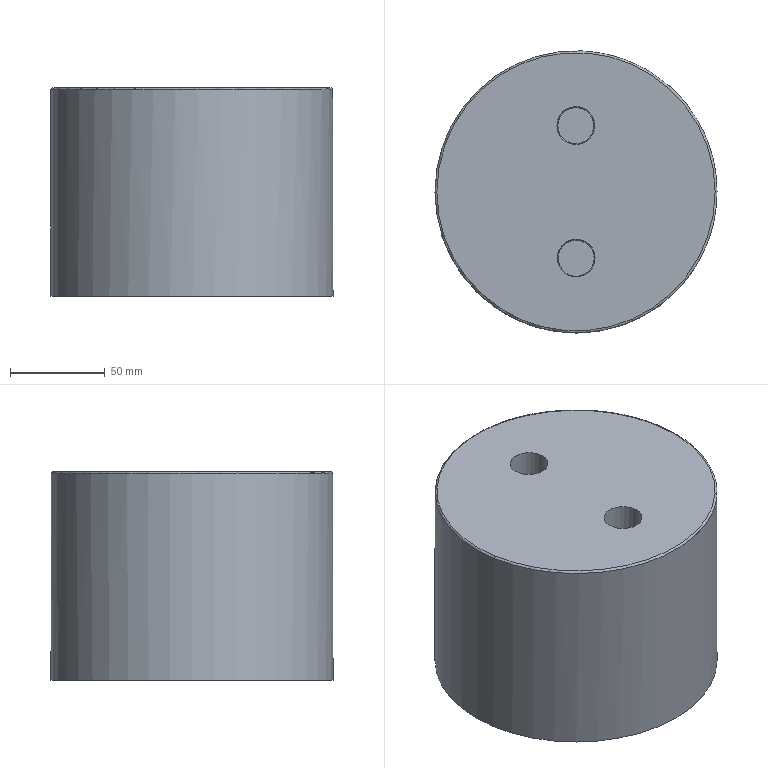Component | NX | A_PART_8 | 1 solid | 16 faces | box 149 x 149 x 110 mm | volume 1872912 mm3 | plane 8 | cylinder 5 | torus 3 | commonest cylinder face diameters 20 x2 149 x1 60 x1 15 x1
STEP:
#1=CARTESIAN_POINT('',(0.,0.,0.));
#2=DIRECTION('',(0.,0.,1.));
#3=DIRECTION('',(1.,0.,0.));
#4=AXIS2_PLACEMENT_3D('',#1,#2,#3);
#5=CARTESIAN_POINT('',(78.417,257.073,11.984));
#6=VERTEX_POINT('',#5);
#7=CARTESIAN_POINT('',(152.917,257.26,11.984));
#8=DIRECTION('',(0.,0.,-1.));
#9=DIRECTION('',(-1.,-0.0025,0.));
#10=AXIS2_PLACEMENT_3D('',#7,#8,#9);
#11=CIRCLE('',#10,74.5);
#12=CARTESIAN_POINT('',(152.917,257.26,12.984));
#13=DIRECTION('',(0.,0.,-1.));
#14=DIRECTION('',(-1.,-0.0025,0.));
#15=AXIS2_PLACEMENT_3D('',#12,#13,#14);
#16=CYLINDRICAL_SURFACE('',#15,74.5);
#17=CARTESIAN_POINT('',(0.,1.));
#18=DIRECTION('',(1.,0.));
#19=VECTOR('',#18,1.);
#20=LINE('',#17,#19);
#21=(GEOMETRIC_REPRESENTATION_CONTEXT(2)PARAMETRIC_REPRESENTATION_CONTEXT()REPRESENTATION_CONTEXT('',''));
#22=DEFINITIONAL_REPRESENTATION('',(#20),#21);
#23=PCURVE('',#16,#22);
#24=CARTESIAN_POINT('',(152.917,257.26,11.984));
#25=DIRECTION('',(0.,0.,-1.));
#26=DIRECTION('',(-1.,-0.0025,0.));
#27=AXIS2_PLACEMENT_3D('',#24,#25,#26);
#28=TOROIDAL_SURFACE('',#27,73.5,1.);
#29=CARTESIAN_POINT('',(0.,6.283));
#30=DIRECTION('',(1.,0.));
#31=VECTOR('',#30,1.);
#32=LINE('',#29,#31);
#33=(GEOMETRIC_REPRESENTATION_CONTEXT(2)PARAMETRIC_REPRESENTATION_CONTEXT()REPRESENTATION_CONTEXT('',''));
#34=DEFINITIONAL_REPRESENTATION('',(#32),#33);
#35=PCURVE('',#28,#34);
#36=SURFACE_CURVE('',#11,(#23,#35),.PCURVE_S1.);
#37=EDGE_CURVE('',#6,#6,#36,.T.);
#38=ORIENTED_EDGE('',*,*,#37,.T.);
#39=CARTESIAN_POINT('',(78.417,257.073,-97.016));
#40=VERTEX_POINT('',#39);
#41=CARTESIAN_POINT('',(78.417,257.073,11.984));
#42=CARTESIAN_POINT('',(78.417,257.073,-97.016));
#43=B_SPLINE_CURVE_WITH_KNOTS('',1,(#41,#42),.UNSPECIFIED.,.F.,.F.,(2,2),(1.,110.),.PIECEWISE_BEZIER_KNOTS.);
#44=CARTESIAN_POINT('',(6.283,0.));
#45=DIRECTION('',(0.,1.));
#46=VECTOR('',#45,1.);
#47=LINE('',#44,#46);
#48=(GEOMETRIC_REPRESENTATION_CONTEXT(2)PARAMETRIC_REPRESENTATION_CONTEXT()REPRESENTATION_CONTEXT('',''));
#49=DEFINITIONAL_REPRESENTATION('',(#47),#48);
#50=PCURVE('',#16,#49);
#51=CARTESIAN_POINT('',(0.,0.));
#52=DIRECTION('',(0.,1.));
#53=VECTOR('',#52,1.);
#54=LINE('',#51,#53);
#55=(GEOMETRIC_REPRESENTATION_CONTEXT(2)PARAMETRIC_REPRESENTATION_CONTEXT()REPRESENTATION_CONTEXT('',''));
#56=DEFINITIONAL_REPRESENTATION('',(#54),#55);
#57=PCURVE('',#16,#56);
#58=SEAM_CURVE('',#43,(#50,#57),.PCURVE_S1.);
#59=EDGE_CURVE('',#6,#40,#58,.T.);
#60=ORIENTED_EDGE('',*,*,#59,.T.);
#61=CARTESIAN_POINT('',(227.417,257.446,-97.016));
#62=VERTEX_POINT('',#61);
#63=CARTESIAN_POINT('',(152.917,257.26,-97.016));
#64=DIRECTION('',(0.,0.,-1.));
#65=DIRECTION('',(1.,0.0025,0.));
#66=AXIS2_PLACEMENT_3D('',#63,#64,#65);
#67=CIRCLE('',#66,74.5);
#68=CARTESIAN_POINT('',(3.142,110.));
#69=DIRECTION('',(1.,0.));
#70=VECTOR('',#69,1.);
#71=LINE('',#68,#70);
#72=(GEOMETRIC_REPRESENTATION_CONTEXT(2)PARAMETRIC_REPRESENTATION_CONTEXT()REPRESENTATION_CONTEXT('',''));
#73=DEFINITIONAL_REPRESENTATION('',(#71),#72);
#74=PCURVE('',#16,#73);
#75=CARTESIAN_POINT('',(152.917,257.26,-97.016));
#76=DIRECTION('',(0.,0.,-1.));
#77=DIRECTION('',(-1.,-0.0025,0.));
#78=AXIS2_PLACEMENT_3D('',#75,#76,#77);
#79=PLANE('',#78);
#80=CARTESIAN_POINT('',(0.,0.));
#81=DIRECTION('',(-1.,0.));
#82=AXIS2_PLACEMENT_2D('',#80,#81);
#83=CIRCLE('',#82,74.5);
#84=(GEOMETRIC_REPRESENTATION_CONTEXT(2)PARAMETRIC_REPRESENTATION_CONTEXT()REPRESENTATION_CONTEXT('',''));
#85=DEFINITIONAL_REPRESENTATION('',(#83),#84);
#86=PCURVE('',#79,#85);
#87=SURFACE_CURVE('',#67,(#74,#86),.PCURVE_S1.);
#88=EDGE_CURVE('',#62,#40,#87,.T.);
#89=ORIENTED_EDGE('',*,*,#88,.F.);
#90=CARTESIAN_POINT('',(152.917,257.26,-97.016));
#91=DIRECTION('',(0.,0.,-1.));
#92=DIRECTION('',(1.,0.0025,0.));
#93=AXIS2_PLACEMENT_3D('',#90,#91,#92);
#94=CIRCLE('',#93,74.5);
#95=CARTESIAN_POINT('',(-3.142,110.));
#96=DIRECTION('',(1.,0.));
#97=VECTOR('',#96,1.);
#98=LINE('',#95,#97);
#99=(GEOMETRIC_REPRESENTATION_CONTEXT(2)PARAMETRIC_REPRESENTATION_CONTEXT()REPRESENTATION_CONTEXT('',''));
#100=DEFINITIONAL_REPRESENTATION('',(#98),#99);
#101=PCURVE('',#16,#100);
#102=CARTESIAN_POINT('',(0.,0.));
#103=DIRECTION('',(-1.,0.));
#104=AXIS2_PLACEMENT_2D('',#102,#103);
#105=CIRCLE('',#104,74.5);
#106=(GEOMETRIC_REPRESENTATION_CONTEXT(2)PARAMETRIC_REPRESENTATION_CONTEXT()REPRESENTATION_CONTEXT('',''));
#107=DEFINITIONAL_REPRESENTATION('',(#105),#106);
#108=PCURVE('',#79,#107);
#109=SURFACE_CURVE('',#94,(#101,#108),.PCURVE_S1.);
#110=EDGE_CURVE('',#40,#62,#109,.T.);
#111=ORIENTED_EDGE('',*,*,#110,.F.);
#112=ORIENTED_EDGE('',*,*,#59,.F.);
#113=EDGE_LOOP('',(#38,#60,#89,#111,#112));
#114=FACE_BOUND('',#113,.T.);
#115=ADVANCED_FACE('',(#114),#16,.T.);
#116=CARTESIAN_POINT('',(163.004,222.285,12.984));
#117=VERTEX_POINT('',#116);
#118=CARTESIAN_POINT('',(153.004,222.26,12.984));
#119=DIRECTION('',(0.,0.,-1.));
#120=DIRECTION('',(1.,0.0025,0.));
#121=AXIS2_PLACEMENT_3D('',#118,#119,#120);
#122=CIRCLE('',#121,10.);
#123=CARTESIAN_POINT('',(152.917,257.26,12.984));
#124=DIRECTION('',(0.,0.,-1.));
#125=DIRECTION('',(-1.,-0.0025,0.));
#126=AXIS2_PLACEMENT_3D('',#123,#124,#125);
#127=PLANE('',#126);
#128=CARTESIAN_POINT('',(0.,-35.));
#129=DIRECTION('',(-1.,0.));
#130=AXIS2_PLACEMENT_2D('',#128,#129);
#131=CIRCLE('',#130,10.);
#132=(GEOMETRIC_REPRESENTATION_CONTEXT(2)PARAMETRIC_REPRESENTATION_CONTEXT()REPRESENTATION_CONTEXT('',''));
#133=DEFINITIONAL_REPRESENTATION('',(#131),#132);
#134=PCURVE('',#127,#133);
#135=CARTESIAN_POINT('',(153.004,222.26,-42.016));
#136=DIRECTION('',(0.,0.,1.));
#137=DIRECTION('',(1.,0.0025,0.));
#138=AXIS2_PLACEMENT_3D('',#135,#136,#137);
#139=CYLINDRICAL_SURFACE('',#138,10.);
#140=CARTESIAN_POINT('',(6.283,55.));
#141=DIRECTION('',(-1.,0.));
#142=VECTOR('',#141,1.);
#143=LINE('',#140,#142);
#144=(GEOMETRIC_REPRESENTATION_CONTEXT(2)PARAMETRIC_REPRESENTATION_CONTEXT()REPRESENTATION_CONTEXT('',''));
#145=DEFINITIONAL_REPRESENTATION('',(#143),#144);
#146=PCURVE('',#139,#145);
#147=SURFACE_CURVE('',#122,(#134,#146),.PCURVE_S1.);
#148=EDGE_CURVE('',#117,#117,#147,.T.);
#149=ORIENTED_EDGE('',*,*,#148,.T.);
#150=EDGE_LOOP('',(#149));
#151=FACE_BOUND('',#150,.T.);
#152=CARTESIAN_POINT('',(162.829,292.285,12.984));
#153=VERTEX_POINT('',#152);
#154=CARTESIAN_POINT('',(152.829,292.26,12.984));
#155=DIRECTION('',(0.,0.,-1.));
#156=DIRECTION('',(1.,0.0025,0.));
#157=AXIS2_PLACEMENT_3D('',#154,#155,#156);
#158=CIRCLE('',#157,10.);
#159=CARTESIAN_POINT('',(0.,35.));
#160=DIRECTION('',(-1.,0.));
#161=AXIS2_PLACEMENT_2D('',#159,#160);
#162=CIRCLE('',#161,10.);
#163=(GEOMETRIC_REPRESENTATION_CONTEXT(2)PARAMETRIC_REPRESENTATION_CONTEXT()REPRESENTATION_CONTEXT('',''));
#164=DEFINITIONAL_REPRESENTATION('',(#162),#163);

→ **What to do**: Look above for the line with "#139=CYLINDRICAL_SURFACE('',#138,10.);" and the line with "#149=ORIENTED_EDGE('',*,*,#148,.T.);"; transcribe both and all lines in between, exactly, and nothing else.

→ **Your response**:
#139=CYLINDRICAL_SURFACE('',#138,10.);
#140=CARTESIAN_POINT('',(6.283,55.));
#141=DIRECTION('',(-1.,0.));
#142=VECTOR('',#141,1.);
#143=LINE('',#140,#142);
#144=(GEOMETRIC_REPRESENTATION_CONTEXT(2)PARAMETRIC_REPRESENTATION_CONTEXT()REPRESENTATION_CONTEXT('',''));
#145=DEFINITIONAL_REPRESENTATION('',(#143),#144);
#146=PCURVE('',#139,#145);
#147=SURFACE_CURVE('',#122,(#134,#146),.PCURVE_S1.);
#148=EDGE_CURVE('',#117,#117,#147,.T.);
#149=ORIENTED_EDGE('',*,*,#148,.T.);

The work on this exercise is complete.